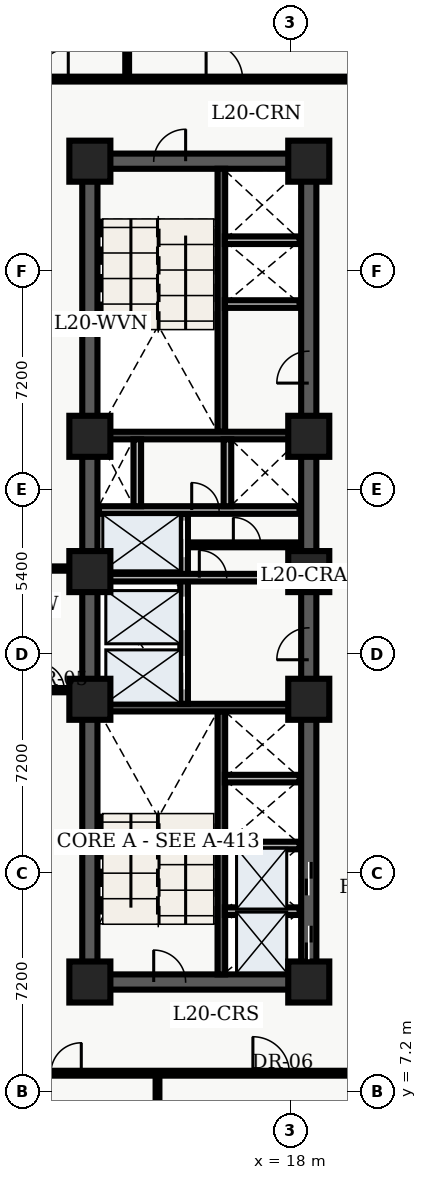
"""IFC4 building model, lengths in metres.
Left out: names, types, materials, properties, quantities, classifications, styles, units other than length and angle.
Written with IfcOpenShell. Run it as: python <this file> out.ifc"""

import sys

from ifc_helpers import new_model, entity, si_unit, converted_unit, direction, frame, origin_with_axes, origin_2d_with_axis, place, context, subcontext, project, spatial, polyline, rectangle, outline, extrude, element, fill, save


model = new_model("IFC4")
c1 = context("Model", 3, precision=1e-05, world=origin_with_axes(), true_north=direction((0.0, 1.0)))
c2 = subcontext(c1, "Body", "Model", "MODEL_VIEW")
j1 = project(units=[si_unit("LENGTHUNIT", "METRE"), converted_unit("PLANEANGLEUNIT", "DEGREE", entity("IfcPlaneAngleMeasure", 0.017), si_unit("PLANEANGLEUNIT", "RADIAN"), dimensions=[0, 0, 0, 0, 0, 0, 0])], contexts=[c1])
p1 = place(None, origin_with_axes())
s1 = spatial("IfcSite", under=j1, at=p1, CompositionType="ELEMENT")
p2 = place(p1, origin_with_axes())
s2 = spatial("IfcBuilding", under=s1, at=p2, CompositionType="ELEMENT")
p3 = place(p2, frame((0.0, 0.0, 84.6), z_axis=(0.0, 0.0, 1.0), x_axis=(1.0, 0.0, 0.0)))
s3 = spatial("IfcBuildingStorey", under=s2, at=p3, CompositionType="ELEMENT", Elevation=84.6)
p4 = place(p3, frame((11.4, 10.8, 0.0), z_axis=(0.0, 0.0, 1.0), x_axis=(0.0, 1.0, 0.0)))
e1 = element("IfcWall", 1, at=p4, inside=s3, PredefinedType="SHEAR", context=c2, shape_type="SweptSolid", body=[
    extrude(outline(polyline([(0.0, -0.25), (27.0, -0.25), (27.0, 0.25), (0.0, 0.25), (0.0, -0.25)])), origin_with_axes(), (0.0, 0.0, 1.0), 4.26),
])
p5 = place(p3, frame((11.4, 10.8, 0.0), z_axis=(0.0, 0.0, 1.0), x_axis=(1.0, 0.0, 0.0)))
e2 = element("IfcWall", 2, at=p5, inside=s3, PredefinedType="SHEAR", context=c2, shape_type="SweptSolid", body=[
    extrude(outline(polyline([(0.0, -0.25), (7.2, -0.25), (7.2, 0.25), (0.0, 0.25), (0.0, -0.25)])), origin_with_axes(), (0.0, 0.0, 1.0), 4.26),
])
p6 = place(p5, frame((2.625, 0.0, 0.0), z_axis=(0.0, 0.0, 1.0), x_axis=(1.0, 0.0, 0.0)))
e3 = element("IfcOpeningElement", 3, at=p6, cuts=e2, PredefinedType="OPENING", context=c2, shape_type="SweptSolid", body=[
    extrude(rectangle(XDim=1.05, YDim=0.52, at=origin_2d_with_axis()), origin_with_axes(), (0.0, 0.0, 1.0), 2.15),
])
p7 = place(p3, frame((11.4, 37.8, 0.0), z_axis=(0.0, 0.0, 1.0), x_axis=(1.0, 0.0, 0.0)))
e4 = element("IfcWall", 4, at=p7, inside=s3, PredefinedType="SHEAR", context=c2, shape_type="SweptSolid", body=[
    extrude(outline(polyline([(0.0, -0.25), (7.2, -0.25), (7.2, 0.25), (0.0, 0.25), (0.0, -0.25)])), origin_with_axes(), (0.0, 0.0, 1.0), 4.26),
])
p8 = place(p7, frame((2.625, 0.0, 0.0), z_axis=(0.0, 0.0, 1.0), x_axis=(1.0, 0.0, 0.0)))
e5 = element("IfcOpeningElement", 5, at=p8, cuts=e4, PredefinedType="OPENING", context=c2, shape_type="SweptSolid", body=[
    extrude(rectangle(XDim=1.05, YDim=0.52, at=origin_2d_with_axis()), origin_with_axes(), (0.0, 0.0, 1.0), 2.15),
])
p9 = place(p3, frame((18.6, 10.8, 0.0), z_axis=(0.0, 0.0, 1.0), x_axis=(0.0, 1.0, 0.0)))
e6 = element("IfcWall", 6, at=p9, inside=s3, PredefinedType="SHEAR", context=c2, shape_type="SweptSolid", body=[
    extrude(outline(polyline([(0.0, -0.25), (13.5, -0.25), (13.5, 0.25), (0.0, 0.25), (0.0, -0.25)])), origin_with_axes(), (0.0, 0.0, 1.0), 4.26),
])
p10 = place(p9, frame((1.3, 0.0, 0.0), z_axis=(0.0, 0.0, 1.0), x_axis=(1.0, 0.0, 0.0)))
e7 = element("IfcOpeningElement", 7, at=p10, cuts=e6, PredefinedType="OPENING", context=c2, shape_type="SweptSolid", body=[
    extrude(rectangle(XDim=1.1, YDim=0.52, at=origin_2d_with_axis()), origin_with_axes(), (0.0, 0.0, 1.0), 2.15),
])
p11 = place(p9, frame((3.4, 0.0, 0.0), z_axis=(0.0, 0.0, 1.0), x_axis=(1.0, 0.0, 0.0)))
e8 = element("IfcOpeningElement", 8, at=p11, cuts=e6, PredefinedType="OPENING", context=c2, shape_type="SweptSolid", body=[
    extrude(rectangle(XDim=1.1, YDim=0.52, at=origin_2d_with_axis()), origin_with_axes(), (0.0, 0.0, 1.0), 2.15),
])
p12 = place(p9, frame((11.125, 0.0, 0.0), z_axis=(0.0, 0.0, 1.0), x_axis=(1.0, 0.0, 0.0)))
e9 = element("IfcOpeningElement", 9, at=p12, cuts=e6, PredefinedType="OPENING", context=c2, shape_type="SweptSolid", body=[
    extrude(rectangle(XDim=1.05, YDim=0.52, at=origin_2d_with_axis()), origin_with_axes(), (0.0, 0.0, 1.0), 2.15),
])
p13 = place(p3, frame((18.6, 24.3, 0.0), z_axis=(0.0, 0.0, 1.0), x_axis=(0.0, 1.0, 0.0)))
e10 = element("IfcWall", 10, at=p13, inside=s3, PredefinedType="SHEAR", context=c2, shape_type="SweptSolid", body=[
    extrude(outline(polyline([(0.0, -0.25), (13.5, -0.25), (13.5, 0.25), (0.0, 0.25), (0.0, -0.25)])), origin_with_axes(), (0.0, 0.0, 1.0), 4.26),
])
p14 = place(p13, frame((6.725, 0.0, 0.0), z_axis=(0.0, 0.0, 1.0), x_axis=(1.0, 0.0, 0.0)))
e11 = element("IfcOpeningElement", 11, at=p14, cuts=e10, PredefinedType="OPENING", context=c2, shape_type="SweptSolid", body=[
    extrude(rectangle(XDim=1.05, YDim=0.52, at=origin_2d_with_axis()), origin_with_axes(), (0.0, 0.0, 1.0), 2.15),
])
p15 = place(p3, frame((15.725, 11.05, 0.0), z_axis=(0.0, 0.0, 1.0), x_axis=(0.0, 1.0, 0.0)))
e12 = element("IfcWall", 12, at=p15, inside=s3, PredefinedType="SHEAR", context=c2, shape_type="SweptSolid", body=[
    extrude(outline(polyline([(0.0, -0.125), (8.65, -0.125), (8.65, 0.125), (0.0, 0.125), (0.0, -0.125)])), origin_with_axes(), (0.0, 0.0, 1.0), 4.26),
])
p16 = place(p3, frame((11.65, 19.825, 0.0), z_axis=(0.0, 0.0, 1.0), x_axis=(1.0, 0.0, 0.0)))
e13 = element("IfcWall", 13, at=p16, inside=s3, PredefinedType="SHEAR", context=c2, shape_type="SweptSolid", body=[
    extrude(outline(polyline([(0.0, -0.125), (6.7, -0.125), (6.7, 0.125), (0.0, 0.125), (0.0, -0.125)])), origin_with_axes(), (0.0, 0.0, 1.0), 4.26),
])
p17 = place(p3, frame((15.725, 28.9, 0.0), z_axis=(0.0, 0.0, 1.0), x_axis=(0.0, 1.0, 0.0)))
e14 = element("IfcWall", 14, at=p17, inside=s3, PredefinedType="SHEAR", context=c2, shape_type="SweptSolid", body=[
    extrude(outline(polyline([(0.0, -0.125), (8.65, -0.125), (8.65, 0.125), (0.0, 0.125), (0.0, -0.125)])), origin_with_axes(), (0.0, 0.0, 1.0), 4.26),
])
p18 = place(p3, frame((11.65, 28.775, 0.0), z_axis=(0.0, 0.0, 1.0), x_axis=(1.0, 0.0, 0.0)))
e15 = element("IfcWall", 15, at=p18, inside=s3, PredefinedType="SHEAR", context=c2, shape_type="SweptSolid", body=[
    extrude(outline(polyline([(0.0, -0.125), (6.7, -0.125), (6.7, 0.125), (0.0, 0.125), (0.0, -0.125)])), origin_with_axes(), (0.0, 0.0, 1.0), 4.26),
])
p19 = place(p3, frame((14.5, 19.95, 0.0), z_axis=(0.0, 0.0, 1.0), x_axis=(0.0, 1.0, 0.0)))
e16 = element("IfcWall", 16, at=p19, inside=s3, PredefinedType="SOLIDWALL", context=c2, shape_type="SweptSolid", body=[
    extrude(outline(polyline([(0.0, -0.125), (6.25, -0.125), (6.25, 0.125), (0.0, 0.125), (0.0, -0.125)])), origin_with_axes(), (0.0, 0.0, 1.0), 3.3),
])
p20 = place(p19, frame((1.025, 0.0, 0.0), z_axis=(0.0, 0.0, 1.0), x_axis=(1.0, 0.0, 0.0)))
e17 = element("IfcOpeningElement", 17, at=p20, cuts=e16, PredefinedType="OPENING", context=c2, shape_type="SweptSolid", body=[
    extrude(rectangle(XDim=1.1, YDim=0.27, at=origin_2d_with_axis()), origin_with_axes(), (0.0, 0.0, 1.0), 2.15),
])
p21 = place(p19, frame((2.975, 0.0, 0.0), z_axis=(0.0, 0.0, 1.0), x_axis=(1.0, 0.0, 0.0)))
e18 = element("IfcOpeningElement", 18, at=p21, cuts=e16, PredefinedType="OPENING", context=c2, shape_type="SweptSolid", body=[
    extrude(rectangle(XDim=1.1, YDim=0.27, at=origin_2d_with_axis()), origin_with_axes(), (0.0, 0.0, 1.0), 2.15),
])
p22 = place(p19, frame((5.425, 0.0, 0.0), z_axis=(0.0, 0.0, 1.0), x_axis=(1.0, 0.0, 0.0)))
e19 = element("IfcOpeningElement", 19, at=p22, cuts=e16, PredefinedType="OPENING", context=c2, shape_type="SweptSolid", body=[
    extrude(rectangle(XDim=1.2, YDim=0.27, at=origin_2d_with_axis()), origin_with_axes(), (0.0, 0.0, 1.0), 2.15),
])
p23 = place(p3, frame((11.7, 24.1, 0.0), z_axis=(0.0, 0.0, 1.0), x_axis=(1.0, 0.0, 0.0)))
e20 = element("IfcWall", 20, at=p23, inside=s3, PredefinedType="SOLIDWALL", context=c2, shape_type="SweptSolid", body=[
    extrude(outline(polyline([(0.0, -0.125), (6.6, -0.125), (6.6, 0.125), (0.0, 0.125), (0.0, -0.125)])), origin_with_axes(), (0.0, 0.0, 1.0), 3.3),
])
p24 = place(p23, frame((3.75, 0.0, 0.0), z_axis=(0.0, 0.0, 1.0), x_axis=(1.0, 0.0, 0.0)))
e21 = element("IfcOpeningElement", 21, at=p24, cuts=e20, PredefinedType="OPENING", context=c2, shape_type="SweptSolid", body=[
    extrude(rectangle(XDim=0.9, YDim=0.27, at=origin_2d_with_axis()), origin_with_axes(), (0.0, 0.0, 1.0), 2.15),
])
p25 = place(p3, frame((11.7, 26.325, 0.0), z_axis=(0.0, 0.0, 1.0), x_axis=(1.0, 0.0, 0.0)))
e22 = element("IfcWall", 22, at=p25, inside=s3, PredefinedType="SOLIDWALL", context=c2, shape_type="SweptSolid", body=[
    extrude(outline(polyline([(0.0, -0.125), (6.6, -0.125), (6.6, 0.125), (0.0, 0.125), (0.0, -0.125)])), origin_with_axes(), (0.0, 0.0, 1.0), 3.3),
])
p26 = place(p25, frame((3.5, 0.0, 0.0), z_axis=(0.0, 0.0, 1.0), x_axis=(1.0, 0.0, 0.0)))
e23 = element("IfcOpeningElement", 23, at=p26, cuts=e22, PredefinedType="OPENING", context=c2, shape_type="SweptSolid", body=[
    extrude(rectangle(XDim=0.9, YDim=0.27, at=origin_2d_with_axis()), origin_with_axes(), (0.0, 0.0, 1.0), 2.15),
])
for number, where, z_axis, x_axis in (
    (24, (12.96, 26.45, 0.0), (0.0, 0.0, 1.0), (0.0, 1.0, 0.0)),
    (25, (15.925, 26.45, 0.0), (0.0, 0.0, 1.0), (0.0, 1.0, 0.0)),
):
    element("IfcWall", number, at=place(p3, frame(where, z_axis=z_axis, x_axis=x_axis)), inside=s3, PredefinedType="SOLIDWALL", context=c2, shape_type="SweptSolid", body=[
        extrude(outline(polyline([(0.0, -0.125), (2.2, -0.125), (2.2, 0.125), (0.0, 0.125), (0.0, -0.125)])), origin_with_axes(), (0.0, 0.0, 1.0), 3.3),
    ])
for number, where, z_axis, x_axis in (
    (26, (11.4, 10.8, 0.0), (0.0, 0.0, 1.0), (1.0, 0.0, 0.0)),
    (27, (11.4, 20.1, 0.0), (0.0, 0.0, 1.0), (1.0, 0.0, 0.0)),
    (28, (11.4, 24.3, 0.0), (0.0, 0.0, 1.0), (1.0, 0.0, 0.0)),
    (29, (11.4, 28.75, 0.0), (0.0, 0.0, 1.0), (1.0, 0.0, 0.0)),
    (30, (11.4, 37.8, 0.0), (0.0, 0.0, 1.0), (1.0, 0.0, 0.0)),
    (31, (18.6, 10.8, 0.0), (0.0, 0.0, 1.0), (1.0, 0.0, 0.0)),
    (32, (18.6, 20.1, 0.0), (0.0, 0.0, 1.0), (1.0, 0.0, 0.0)),
    (33, (18.6, 24.3, 0.0), (0.0, 0.0, 1.0), (1.0, 0.0, 0.0)),
    (34, (18.6, 28.75, 0.0), (0.0, 0.0, 1.0), (1.0, 0.0, 0.0)),
    (35, (18.6, 37.8, 0.0), (0.0, 0.0, 1.0), (1.0, 0.0, 0.0)),
):
    element("IfcColumn", number, at=place(p3, frame(where, z_axis=z_axis, x_axis=x_axis)), inside=s3, PredefinedType="COLUMN", context=c2, shape_type="SweptSolid", body=[
        extrude(rectangle(XDim=1.35, YDim=1.35, at=origin_2d_with_axis()), origin_with_axes(), (0.0, 0.0, 1.0), 4.5),
    ])
p27 = place(p3, frame((14.62, 25.18, 0.0), z_axis=(0.0, 0.0, 1.0), x_axis=(1.0, 0.0, 0.0)))
e36 = element("IfcWall", 36, at=p27, inside=s3, PredefinedType="PARTITIONING", context=c2, shape_type="SweptSolid", body=[
    extrude(outline(polyline([(0.0, -0.08), (3.68, -0.08), (3.68, 0.08), (0.0, 0.08), (0.0, -0.08)])), origin_with_axes(), (0.0, 0.0, 1.0), 3.2),
])
p28 = place(p27, frame((1.95, 0.0, 0.0), z_axis=(0.0, 0.0, 1.0), x_axis=(1.0, 0.0, 0.0)))
e37 = element("IfcOpeningElement", 37, at=p28, cuts=e36, PredefinedType="OPENING", context=c2, shape_type="SweptSolid", body=[
    extrude(rectangle(XDim=0.9, YDim=0.18, at=origin_2d_with_axis()), origin_with_axes(), (0.0, 0.0, 1.0), 2.15),
])
for number, where, z_axis, x_axis in (
    (38, (15.84, 13.13, 0.0), (0.0, 0.0, 1.0), (1.0, 0.0, 0.0)),
    (39, (15.84, 15.29, 0.0), (0.0, 0.0, 1.0), (1.0, 0.0, 0.0)),
    (40, (15.84, 17.49, 0.0), (0.0, 0.0, 1.0), (1.0, 0.0, 0.0)),
    (41, (15.84, 33.1, 0.0), (0.0, 0.0, 1.0), (1.0, 0.0, 0.0)),
    (42, (15.84, 35.2, 0.0), (0.0, 0.0, 1.0), (1.0, 0.0, 0.0)),
):
    element("IfcWall", number, at=place(p3, frame(where, z_axis=z_axis, x_axis=x_axis)), inside=s3, PredefinedType="SOLIDWALL", context=c2, shape_type="SweptSolid", body=[
        extrude(outline(polyline([(0.0, -0.125), (2.46, -0.125), (2.46, 0.125), (0.0, 0.125), (0.0, -0.125)])), origin_with_axes(), (0.0, 0.0, 1.0), 3.2),
    ])
p29 = place(p3, frame((9.52, 20.4, 0.0), z_axis=(0.0, 0.0, 1.0), x_axis=(1.0, 0.0, 0.0)))
e43 = element("IfcWall", 43, at=p29, inside=s3, PredefinedType="PARTITIONING", context=c2, shape_type="SweptSolid", body=[
    extrude(outline(polyline([(0.0, -0.07), (1.58, -0.07), (1.58, 0.07), (0.0, 0.07), (0.0, -0.07)])), origin_with_axes(), (0.0, 0.0, 1.0), 3.2),
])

WHAT YOU WILL DO: Report, for the data above, every line in which the string "cuts" appears.

OUTPUT OF THE TASK:
e3 = element("IfcOpeningElement", 3, at=p6, cuts=e2, PredefinedType="OPENING", context=c2, shape_type="SweptSolid", body=[
e5 = element("IfcOpeningElement", 5, at=p8, cuts=e4, PredefinedType="OPENING", context=c2, shape_type="SweptSolid", body=[
e7 = element("IfcOpeningElement", 7, at=p10, cuts=e6, PredefinedType="OPENING", context=c2, shape_type="SweptSolid", body=[
e8 = element("IfcOpeningElement", 8, at=p11, cuts=e6, PredefinedType="OPENING", context=c2, shape_type="SweptSolid", body=[
e9 = element("IfcOpeningElement", 9, at=p12, cuts=e6, PredefinedType="OPENING", context=c2, shape_type="SweptSolid", body=[
e11 = element("IfcOpeningElement", 11, at=p14, cuts=e10, PredefinedType="OPENING", context=c2, shape_type="SweptSolid", body=[
e17 = element("IfcOpeningElement", 17, at=p20, cuts=e16, PredefinedType="OPENING", context=c2, shape_type="SweptSolid", body=[
e18 = element("IfcOpeningElement", 18, at=p21, cuts=e16, PredefinedType="OPENING", context=c2, shape_type="SweptSolid", body=[
e19 = element("IfcOpeningElement", 19, at=p22, cuts=e16, PredefinedType="OPENING", context=c2, shape_type="SweptSolid", body=[
e21 = element("IfcOpeningElement", 21, at=p24, cuts=e20, PredefinedType="OPENING", context=c2, shape_type="SweptSolid", body=[
e23 = element("IfcOpeningElement", 23, at=p26, cuts=e22, PredefinedType="OPENING", context=c2, shape_type="SweptSolid", body=[
e37 = element("IfcOpeningElement", 37, at=p28, cuts=e36, PredefinedType="OPENING", context=c2, shape_type="SweptSolid", body=[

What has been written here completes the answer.